-- Source material follows --

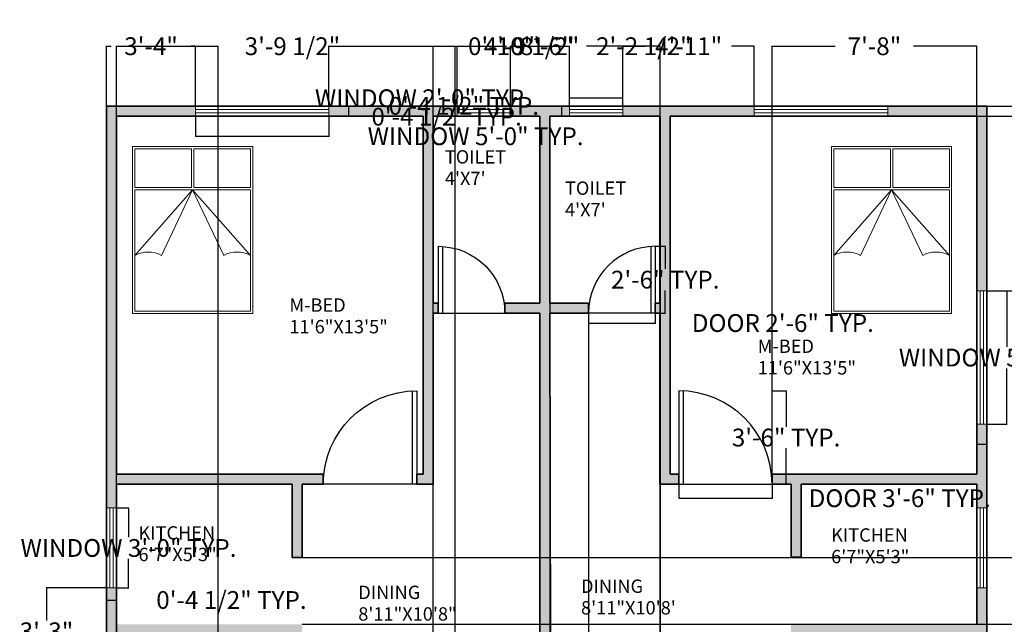
# Model space of a CAD drawing. Units: inches. Extents: x -27 to 662, y -19 to 539.
# Tile 3 of 4: x -18 to 425, y 267 to 539. Entities that reach past the tile are written whole.
import ezdxf

# ---------------------------------------------------------------- set-up
doc = ezdxf.new("R2010")
doc.units = ezdxf.units.IN
doc.header["$MEASUREMENT"] = 0
for name, color, linetype, lineweight in [('A-ANNO-DIMS', 2, 'Continuous', 18), ('A-AREA-IDEN', 230, 'Continuous', 18), ('A-DOOR', 6, 'Continuous', 25), ('A-FURN', 240, 'Continuous', 18), ('A-GLAZ', 240, 'Continuous', 18), ('A-WALL', 4, 'Continuous', 35)]:
    doc.layers.add(name, color=color, linetype=linetype, lineweight=lineweight)
doc.layers.add('A-WALL-PATT', color=2, linetype='Continuous', lineweight=13, true_color=0xf1eb1f)
doc.styles.get("Standard").update_dxf_attribs({"font": 'italic8.shx'})
doc.dimstyles.get("Standard").update_dxf_attribs({"dimtxt": 8, "dimasz": 0.18, "dimexe": 0.18, "dimexo": 0.0625, "dimgap": 0.09, "dimtad": 0, "dimtih": 1, "dimtoh": 1, "dimzin": 0, "dimdsep": 46, "dimlunit": 3, "dimtxsty": 'Standard', "dimcen": 0.09, "dimclrt": 4, "dimadec": 0, "dimazin": 0, "dimtfac": 1, "dimtofl": 0, "dimtmove": 0, "dimatfit": 3, "dimfxl": 1, "dimtolj": 1, "dimtzin": 0, "dimarcsym": 0})

# ---------------------------------------------------------------- blocks, each defined once
blk = doc.blocks.new('*D2')
at = {"layer": 'A-ANNO-DIMS', "color": 0, "lineweight": -2, "transparency": 16777216}
for p, q in [((391.54, 495.42), (467.74, 495.42)), ((467.56, 495.24), (467.56, 262.52)), ((467.56, 20.1), (467.56, 252.82)), ((391.54, 19.92), (467.74, 19.92))]:
    blk.add_line(p, q, dxfattribs=at)
at = {"layer": 'A-ANNO-DIMS', "color": 0, "transparency": 16777216}
for points in [[(467.53, 495.24), (467.59, 495.24), (467.56, 495.42)], [(467.53, 20.1), (467.59, 20.1), (467.56, 19.92)]]:
    blk.add_solid(points, dxfattribs=at)
at = {"layer": 'Defpoints', "color": 0, "transparency": 16777216}
for p in [(391.48, 495.42), (467.56, 495.42), (391.48, 19.92)]:
    blk.add_point(p, dxfattribs=at)
at = {"layer": 'A-ANNO-DIMS', "color": 0, "transparency": 16777216, "insert": (467.56, 257.67), "char_height": 8, "attachment_point": 5}
blk.add_mtext('\\A1;39\'-7.50"', dxfattribs=at)
blk = doc.blocks.new('BED-DOUBLE-54x75')
for p, q in [((26.5, 56.54), (26.5, 74)), ((27.5, 56.54), (27.5, 74)), ((1, 56.54), (26.5, 56.54)), ((1, 55.54), (53, 55.54)), ((27, 55.54), (1, 26.04)), ((13, 26.04), (27, 55.54)), ((27, 55.54), (53, 26.04)), ((41, 26.04), (27, 55.54)), ((27.5, 56.54), (53, 56.54))]:
    blk.add_line(p, q)
blk.add_lwpolyline([(0, 75), (54, 75), (54, 0), (0, 0)], close=True)
for points in [[(1, 56.54), (1, 74), (26.5, 74)], [(27.5, 74), (53, 74), (53, 56.54)], [(53, 55.54), (53, 1), (1, 1), (1, 55.54)]]:
    blk.add_lwpolyline(points)
for centre in [(7, 14.92), (47, 14.92)]:
    blk.add_arc(centre, 12.64, 61.656, 118.344)
blk = doc.blocks.new('DOOR-SWING-30IN')
for p, q in [((28, 29.93), (28, 0)), ((30, 30), (30, 0)), ((30, 0), (0, 0))]:
    blk.add_line(p, q)
blk.add_arc((30, 0), 30, 90, 180)
blk = doc.blocks.new('DOOR-SWING-42IN')
for p, q in [((0, 42), (0, 0)), ((2, 41.95), (2, 0)), ((0, 0), (42, 0))]:
    blk.add_line(p, q)
blk.add_arc((0, 0), 42, 0, 90)
blk = doc.blocks.new('WIN-60IN')
for p, q in [((0, 4.5), (0, 0)), ((60, 4.5), (0, 4.5)), ((60, 0), (60, 4.5)), ((0, 3), (60, 3)), ((0, 1.5), (60, 1.5)), ((0, 0), (60, 0))]:
    blk.add_line(p, q)
blk = doc.blocks.new('WIN-60IN-B')
for p, q in [((0, 0), (0, 60)), ((0, 60), (4.5, 60)), ((1.5, 0), (1.5, 60)), ((3, 0), (3, 60)), ((4.5, 60), (4.5, 0)), ((4.5, 0), (0, 0)), ((4.5, 0), (2.25, 0))]:
    blk.add_line(p, q)
blk = doc.blocks.new('WIN-36IN')
for p, q in [((0, 36), (4.5, 36)), ((0, 0), (0, 36)), ((0, 36), (2.25, 36)), ((1.5, 36), (1.5, 0)), ((3, 36), (3, 0)), ((4.5, 36), (4.5, 0)), ((4.5, 0), (0, 0))]:
    blk.add_line(p, q)
blk = doc.blocks.new('WIN-24IN')
for p, q in [((0, 4.5), (0, 0)), ((24, 4.5), (0, 4.5)), ((24, 0), (24, 4.5)), ((0, 3), (24, 3)), ((0, 1.5), (24, 1.5)), ((0, 0), (24, 0))]:
    blk.add_line(p, q)
blk = doc.blocks.new('*D14')
at = {"layer": 'A-ANNO-DIMS', "color": 0, "lineweight": -2, "transparency": 16777216}
for p, q in [((238.14, 406.86), (238.14, 402.24)), ((268.14, 406.86), (268.14, 402.24)), ((238.32, 402.42), (267.96, 402.42)), ((268.14, 402.42), (268.32, 402.42))]:
    blk.add_line(p, q, dxfattribs=at)
at = {"layer": 'A-ANNO-DIMS', "color": 0, "transparency": 16777216}
for points in [[(238.32, 402.45), (238.32, 402.39), (238.14, 402.42)], [(267.96, 402.45), (267.96, 402.39), (268.14, 402.42)]]:
    blk.add_solid(points, dxfattribs=at)
at = {"layer": 'Defpoints', "color": 0, "transparency": 16777216}
for p in [(238.14, 406.92), (268.14, 406.92), (268.14, 402.42)]:
    blk.add_point(p, dxfattribs=at)
at = {"layer": 'A-ANNO-DIMS', "color": 4, "transparency": 16777216, "insert": (325.55, 402.42), "char_height": 8, "attachment_point": 5}
blk.add_mtext('\\A1;DOOR 2\'-6" TYP.', dxfattribs=at)
blk = doc.blocks.new('*D15')
at = {"layer": 'A-ANNO-DIMS', "color": 0, "lineweight": -2, "transparency": 16777216}
for p, q in [((268.2, 436.92), (272.82, 436.92)), ((272.64, 436.74), (272.64, 426.77)), ((272.64, 407.1), (272.64, 417.07)), ((268.2, 406.92), (272.82, 406.92))]:
    blk.add_line(p, q, dxfattribs=at)
at = {"layer": 'A-ANNO-DIMS', "color": 0, "transparency": 16777216}
for points in [[(272.61, 436.74), (272.67, 436.74), (272.64, 436.92)], [(272.61, 407.1), (272.67, 407.1), (272.64, 406.92)]]:
    blk.add_solid(points, dxfattribs=at)
at = {"layer": 'Defpoints', "color": 0, "transparency": 16777216}
for p in [(268.14, 436.92), (272.64, 436.92), (268.14, 406.92)]:
    blk.add_point(p, dxfattribs=at)
at = {"layer": 'A-ANNO-DIMS', "color": 4, "transparency": 16777216, "insert": (272.64, 421.92), "char_height": 8, "attachment_point": 5}
blk.add_mtext('\\A1;2\'-6" TYP.', dxfattribs=at)
blk = doc.blocks.new('*D16')
at = {"layer": 'A-ANNO-DIMS', "color": 0, "lineweight": -2, "transparency": 16777216}
for p, q in [((278.72, 329.86), (278.72, 323.44)), ((320.72, 329.86), (320.72, 323.44)), ((278.9, 323.62), (320.54, 323.62)), ((320.72, 323.62), (320.9, 323.62))]:
    blk.add_line(p, q, dxfattribs=at)
at = {"layer": 'A-ANNO-DIMS', "color": 0, "transparency": 16777216}
for points in [[(278.9, 323.65), (278.9, 323.59), (278.72, 323.62)], [(320.54, 323.65), (320.54, 323.59), (320.72, 323.62)]]:
    blk.add_solid(points, dxfattribs=at)
at = {"layer": 'Defpoints', "color": 0, "transparency": 16777216}
for p in [(278.72, 329.92), (320.72, 329.92), (320.72, 323.62)]:
    blk.add_point(p, dxfattribs=at)
at = {"layer": 'A-ANNO-DIMS', "color": 4, "transparency": 16777216, "insert": (378.13, 323.62), "char_height": 8, "attachment_point": 5}
blk.add_mtext('\\A1;DOOR 3\'-6" TYP.', dxfattribs=at)
blk = doc.blocks.new('*D17')
at = {"layer": 'A-ANNO-DIMS', "color": 0, "lineweight": -2, "transparency": 16777216}
for p, q in [((320.78, 371.92), (327.2, 371.92)), ((327.02, 371.74), (327.02, 355.77)), ((327.02, 330.1), (327.02, 346.07)), ((320.78, 329.92), (327.2, 329.92))]:
    blk.add_line(p, q, dxfattribs=at)
at = {"layer": 'A-ANNO-DIMS', "color": 0, "transparency": 16777216}
for points in [[(326.99, 371.74), (327.05, 371.74), (327.02, 371.92)], [(326.99, 330.1), (327.05, 330.1), (327.02, 329.92)]]:
    blk.add_solid(points, dxfattribs=at)
at = {"layer": 'Defpoints', "color": 0, "transparency": 16777216}
for p in [(320.72, 371.92), (327.02, 371.92), (320.72, 329.92)]:
    blk.add_point(p, dxfattribs=at)
at = {"layer": 'A-ANNO-DIMS', "color": 4, "transparency": 16777216, "insert": (327.02, 350.92), "char_height": 8, "attachment_point": 5}
blk.add_mtext('\\A1;3\'-6" TYP.', dxfattribs=at)
blk = doc.blocks.new('*D20')
at = {"layer": 'A-ANNO-DIMS', "color": 0, "lineweight": -2, "transparency": 16777216}
for p, q in [((61.34, 495.36), (61.34, 486.24)), ((121.34, 495.36), (121.34, 486.24)), ((61.52, 486.42), (121.16, 486.42)), ((121.34, 486.42), (121.52, 486.42))]:
    blk.add_line(p, q, dxfattribs=at)
at = {"layer": 'A-ANNO-DIMS', "color": 0, "transparency": 16777216}
for points in [[(61.52, 486.45), (61.52, 486.39), (61.34, 486.42)], [(121.16, 486.45), (121.16, 486.39), (121.34, 486.42)]]:
    blk.add_solid(points, dxfattribs=at)
at = {"layer": 'Defpoints', "color": 0, "transparency": 16777216}
for p in [(61.34, 495.42), (121.34, 495.42), (121.34, 486.42)]:
    blk.add_point(p, dxfattribs=at)
at = {"layer": 'A-ANNO-DIMS', "color": 4, "transparency": 16777216, "insert": (187.33, 486.42), "char_height": 8, "attachment_point": 5}
blk.add_mtext('\\A1;WINDOW 5\'-0" TYP.', dxfattribs=at)
blk = doc.blocks.new('*D21')
at = {"layer": 'A-ANNO-DIMS', "color": 0, "lineweight": -2, "transparency": 16777216}
for p, q in [((121.4, 499.92), (130.52, 499.92)), ((130.34, 499.92), (130.34, 500.1)), ((130.34, 500.1), (130.52, 500.1)), ((130.34, 495.6), (130.34, 499.74)), ((121.4, 495.42), (130.52, 495.42))]:
    blk.add_line(p, q, dxfattribs=at)
at = {"layer": 'A-ANNO-DIMS', "color": 0, "transparency": 16777216}
for points in [[(130.31, 499.74), (130.37, 499.74), (130.34, 499.92)], [(130.31, 495.6), (130.37, 495.6), (130.34, 495.42)]]:
    blk.add_solid(points, dxfattribs=at)
at = {"layer": 'Defpoints', "color": 0, "transparency": 16777216}
for p in [(121.34, 499.92), (130.34, 499.92), (121.34, 495.42)]:
    blk.add_point(p, dxfattribs=at)
at = {"layer": 'A-ANNO-DIMS', "color": 4, "transparency": 16777216, "insert": (182.04, 500.1), "char_height": 8, "attachment_point": 5}
blk.add_mtext('\\A1;0\'-4 1/2" TYP.', dxfattribs=at)
blk = doc.blocks.new('*D22')
at = {"layer": 'A-ANNO-DIMS', "color": 0, "lineweight": -2, "transparency": 16777216}
for p, q in [((417.35, 416.88), (426.47, 416.88)), ((426.29, 416.7), (426.29, 391.73)), ((426.29, 357.06), (426.29, 382.03)), ((417.35, 356.88), (426.47, 356.88))]:
    blk.add_line(p, q, dxfattribs=at)
at = {"layer": 'A-ANNO-DIMS', "color": 0, "transparency": 16777216}
for points in [[(426.26, 416.7), (426.32, 416.7), (426.29, 416.88)], [(426.26, 357.06), (426.32, 357.06), (426.29, 356.88)]]:
    blk.add_solid(points, dxfattribs=at)
at = {"layer": 'Defpoints', "color": 0, "transparency": 16777216}
for p in [(417.29, 416.88), (426.29, 416.88), (417.29, 356.88)]:
    blk.add_point(p, dxfattribs=at)
at = {"layer": 'A-ANNO-DIMS', "color": 4, "transparency": 16777216, "insert": (426.29, 386.88), "char_height": 8, "attachment_point": 5}
blk.add_mtext('\\A1;WINDOW 5\'-0" TYP.', dxfattribs=at)
blk = doc.blocks.new('*D23')
at = {"layer": 'A-ANNO-DIMS', "color": 0, "lineweight": -2, "transparency": 16777216}
for p, q in [((412.79, 356.82), (412.79, 347.7)), ((417.29, 356.82), (417.29, 347.7)), ((412.97, 347.88), (417.11, 347.88)), ((417.29, 347.88), (417.47, 347.88))]:
    blk.add_line(p, q, dxfattribs=at)
at = {"layer": 'A-ANNO-DIMS', "color": 0, "transparency": 16777216}
for points in [[(412.97, 347.91), (412.97, 347.85), (412.79, 347.88)], [(417.11, 347.91), (417.11, 347.85), (417.29, 347.88)]]:
    blk.add_solid(points, dxfattribs=at)
at = {"layer": 'Defpoints', "color": 0, "transparency": 16777216}
for p in [(412.79, 356.88), (417.29, 356.88), (417.29, 347.88)]:
    blk.add_point(p, dxfattribs=at)
at = {"layer": 'A-ANNO-DIMS', "color": 4, "transparency": 16777216, "insert": (468.99, 347.88), "char_height": 8, "attachment_point": 5}
blk.add_mtext('\\A1;0\'-4 1/2" TYP.', dxfattribs=at)
blk = doc.blocks.new('*D24')
at = {"layer": 'A-ANNO-DIMS', "color": 0, "lineweight": -2, "transparency": 16777216}
for p, q in [((25.85, 319.25), (31.37, 319.25)), ((31.19, 319.07), (31.19, 306.1)), ((31.19, 283.43), (31.19, 296.4)), ((25.85, 283.25), (31.37, 283.25))]:
    blk.add_line(p, q, dxfattribs=at)
at = {"layer": 'A-ANNO-DIMS', "color": 0, "transparency": 16777216}
for points in [[(31.16, 319.07), (31.22, 319.07), (31.19, 319.25)], [(31.16, 283.43), (31.22, 283.43), (31.19, 283.25)]]:
    blk.add_solid(points, dxfattribs=at)
at = {"layer": 'Defpoints', "color": 0, "transparency": 16777216}
for p in [(25.79, 319.25), (31.19, 319.25), (25.79, 283.25)]:
    blk.add_point(p, dxfattribs=at)
at = {"layer": 'A-ANNO-DIMS', "color": 4, "transparency": 16777216, "insert": (31.19, 301.25), "char_height": 8, "attachment_point": 5}
blk.add_mtext('\\A1;WINDOW 3\'-0" TYP.', dxfattribs=at)
blk = doc.blocks.new('*D25')
at = {"layer": 'A-ANNO-DIMS', "color": 0, "lineweight": -2, "transparency": 16777216}
for p, q in [((21.29, 283.19), (21.29, 277.67)), ((25.79, 283.19), (25.79, 277.67)), ((21.47, 277.85), (25.61, 277.85)), ((25.79, 277.85), (25.97, 277.85))]:
    blk.add_line(p, q, dxfattribs=at)
at = {"layer": 'A-ANNO-DIMS', "color": 0, "transparency": 16777216}
for points in [[(21.47, 277.88), (21.47, 277.82), (21.29, 277.85)], [(25.61, 277.88), (25.61, 277.82), (25.79, 277.85)]]:
    blk.add_solid(points, dxfattribs=at)
at = {"layer": 'Defpoints', "color": 0, "transparency": 16777216}
for p in [(21.29, 283.25), (25.79, 283.25), (25.79, 277.85)]:
    blk.add_point(p, dxfattribs=at)
at = {"layer": 'A-ANNO-DIMS', "color": 4, "transparency": 16777216, "insert": (77.49, 277.85), "char_height": 8, "attachment_point": 5}
blk.add_mtext('\\A1;0\'-4 1/2" TYP.', dxfattribs=at)
blk = doc.blocks.new('*D28')
at = {"layer": 'A-ANNO-DIMS', "color": 0, "lineweight": -2, "transparency": 16777216}
for p, q in [((229.6, 503.52), (229.42, 503.52)), ((229.6, 499.98), (229.6, 503.7)), ((253.42, 503.52), (229.78, 503.52)), ((253.6, 499.98), (253.6, 503.7))]:
    blk.add_line(p, q, dxfattribs=at)
at = {"layer": 'A-ANNO-DIMS', "color": 0, "transparency": 16777216}
for points in [[(229.78, 503.55), (229.78, 503.49), (229.6, 503.52)], [(253.42, 503.55), (253.42, 503.49), (253.6, 503.52)]]:
    blk.add_solid(points, dxfattribs=at)
at = {"layer": 'Defpoints', "color": 0, "transparency": 16777216}
for p in [(229.6, 503.52), (229.6, 499.92), (253.6, 499.92)]:
    blk.add_point(p, dxfattribs=at)
at = {"layer": 'A-ANNO-DIMS', "color": 4, "transparency": 16777216, "insert": (163.62, 503.52), "char_height": 8, "attachment_point": 5}
blk.add_mtext('\\A1;WINDOW 2\'-0" TYP.', dxfattribs=at)
blk = doc.blocks.new('*D29')
at = {"layer": 'A-ANNO-DIMS', "color": 0, "lineweight": -2, "transparency": 16777216}
for p, q in [((229.54, 499.92), (225.82, 499.92)), ((226, 499.74), (226, 495.6)), ((229.54, 495.42), (225.82, 495.42)), ((226, 495.24), (225.82, 495.24)), ((226, 495.42), (226, 495.24))]:
    blk.add_line(p, q, dxfattribs=at)
at = {"layer": 'A-ANNO-DIMS', "color": 0, "transparency": 16777216}
for points in [[(225.97, 499.74), (226.03, 499.74), (226, 499.92)], [(225.97, 495.6), (226.03, 495.6), (226, 495.42)]]:
    blk.add_solid(points, dxfattribs=at)
at = {"layer": 'Defpoints', "color": 0, "transparency": 16777216}
for p in [(229.6, 499.92), (226, 495.42), (229.6, 495.42)]:
    blk.add_point(p, dxfattribs=at)
at = {"layer": 'A-ANNO-DIMS', "color": 4, "transparency": 16777216, "insert": (174.3, 495.24), "char_height": 8, "attachment_point": 5}
blk.add_mtext('\\A1;0\'-4 1/2" TYP.', dxfattribs=at)
blk = doc.blocks.new('*D30')
at = {"layer": 'A-ANNO-DIMS', "color": 0, "lineweight": -2, "transparency": 16777216}
for p, q in [((417.35, 499.92), (444.47, 499.92)), ((444.29, 499.74), (444.29, 264.77)), ((444.29, 20.1), (444.29, 255.07)), ((391.54, 19.92), (444.47, 19.92))]:
    blk.add_line(p, q, dxfattribs=at)
at = {"layer": 'A-ANNO-DIMS', "color": 0, "transparency": 16777216}
for points in [[(444.26, 499.74), (444.32, 499.74), (444.29, 499.92)], [(444.26, 20.1), (444.32, 20.1), (444.29, 19.92)]]:
    blk.add_solid(points, dxfattribs=at)
at = {"layer": 'Defpoints', "color": 0, "transparency": 16777216}
for p in [(417.29, 499.92), (444.29, 499.92), (391.48, 19.92)]:
    blk.add_point(p, dxfattribs=at)
at = {"layer": 'A-ANNO-DIMS', "color": 4, "transparency": 16777216, "insert": (444.29, 259.92), "char_height": 8, "attachment_point": 5}
blk.add_mtext('\\A1;40\'-0"', dxfattribs=at)
blk = doc.blocks.new('*D31')
at = {"layer": 'A-ANNO-DIMS', "color": 0, "lineweight": -2, "transparency": 16777216}
for p, q in [((168.29, 142.48), (168.29, 527.1)), ((168.47, 526.92), (201.29, 526.92)), ((270.11, 526.92), (237.28, 526.92)), ((270.29, 142.48), (270.29, 527.1))]:
    blk.add_line(p, q, dxfattribs=at)
at = {"layer": 'A-ANNO-DIMS', "color": 0, "transparency": 16777216}
for points in [[(168.47, 526.95), (168.47, 526.89), (168.29, 526.92)], [(270.11, 526.95), (270.11, 526.89), (270.29, 526.92)]]:
    blk.add_solid(points, dxfattribs=at)
at = {"layer": 'Defpoints', "color": 0, "transparency": 16777216}
for p in [(270.29, 526.92), (168.29, 142.42), (270.29, 142.42)]:
    blk.add_point(p, dxfattribs=at)
at = {"layer": 'A-ANNO-DIMS', "color": 4, "transparency": 16777216, "insert": (219.29, 526.92), "char_height": 8, "attachment_point": 5}
blk.add_mtext('\\A1;8\'-6"', dxfattribs=at)
blk = doc.blocks.new('*D39')
at = {"layer": 'A-ANNO-DIMS', "color": 0, "lineweight": -2, "transparency": 16777216}
for p, q in [((168.29, 194.98), (168.29, 527.1)), ((168.47, 526.92), (177.98, 526.92)), ((178.16, 194.98), (178.16, 527.1)), ((178.16, 526.92), (178.34, 526.92))]:
    blk.add_line(p, q, dxfattribs=at)
at = {"layer": 'A-ANNO-DIMS', "color": 0, "transparency": 16777216}
for points in [[(168.47, 526.95), (168.47, 526.89), (168.29, 526.92)], [(177.98, 526.95), (177.98, 526.89), (178.16, 526.92)]]:
    blk.add_solid(points, dxfattribs=at)
at = {"layer": 'Defpoints', "color": 0, "transparency": 16777216}
for p in [(178.16, 526.92), (168.29, 194.92), (178.16, 194.92)]:
    blk.add_point(p, dxfattribs=at)
at = {"layer": 'A-ANNO-DIMS', "color": 4, "transparency": 16777216, "insert": (199, 526.92), "char_height": 8, "attachment_point": 5}
blk.add_mtext('\\A1;0\'-10"', dxfattribs=at)
blk = doc.blocks.new('*D41')
at = {"layer": 'A-ANNO-DIMS', "color": 0, "lineweight": -2, "transparency": 16777216}
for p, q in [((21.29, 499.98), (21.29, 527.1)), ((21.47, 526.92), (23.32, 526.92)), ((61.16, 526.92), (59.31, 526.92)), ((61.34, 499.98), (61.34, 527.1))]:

-- Source material concluded --

Exercise requirements » Verbatim transcription needed, from the opening line of the entries above through the line containing "each defined once"; pictures do not belong in it.

Answer section »
# Model space of a CAD drawing. Units: inches. Extents: x -27 to 662, y -19 to 539.
# Tile 3 of 4: x -18 to 425, y 267 to 539. Entities that reach past the tile are written whole.
import ezdxf

# ---------------------------------------------------------------- set-up
doc = ezdxf.new("R2010")
doc.units = ezdxf.units.IN
doc.header["$MEASUREMENT"] = 0
for name, color, linetype, lineweight in [('A-ANNO-DIMS', 2, 'Continuous', 18), ('A-AREA-IDEN', 230, 'Continuous', 18), ('A-DOOR', 6, 'Continuous', 25), ('A-FURN', 240, 'Continuous', 18), ('A-GLAZ', 240, 'Continuous', 18), ('A-WALL', 4, 'Continuous', 35)]:
    doc.layers.add(name, color=color, linetype=linetype, lineweight=lineweight)
doc.layers.add('A-WALL-PATT', color=2, linetype='Continuous', lineweight=13, true_color=0xf1eb1f)
doc.styles.get("Standard").update_dxf_attribs({"font": 'italic8.shx'})
doc.dimstyles.get("Standard").update_dxf_attribs({"dimtxt": 8, "dimasz": 0.18, "dimexe": 0.18, "dimexo": 0.0625, "dimgap": 0.09, "dimtad": 0, "dimtih": 1, "dimtoh": 1, "dimzin": 0, "dimdsep": 46, "dimlunit": 3, "dimtxsty": 'Standard', "dimcen": 0.09, "dimclrt": 4, "dimadec": 0, "dimazin": 0, "dimtfac": 1, "dimtofl": 0, "dimtmove": 0, "dimatfit": 3, "dimfxl": 1, "dimtolj": 1, "dimtzin": 0, "dimarcsym": 0})

# ---------------------------------------------------------------- blocks, each defined once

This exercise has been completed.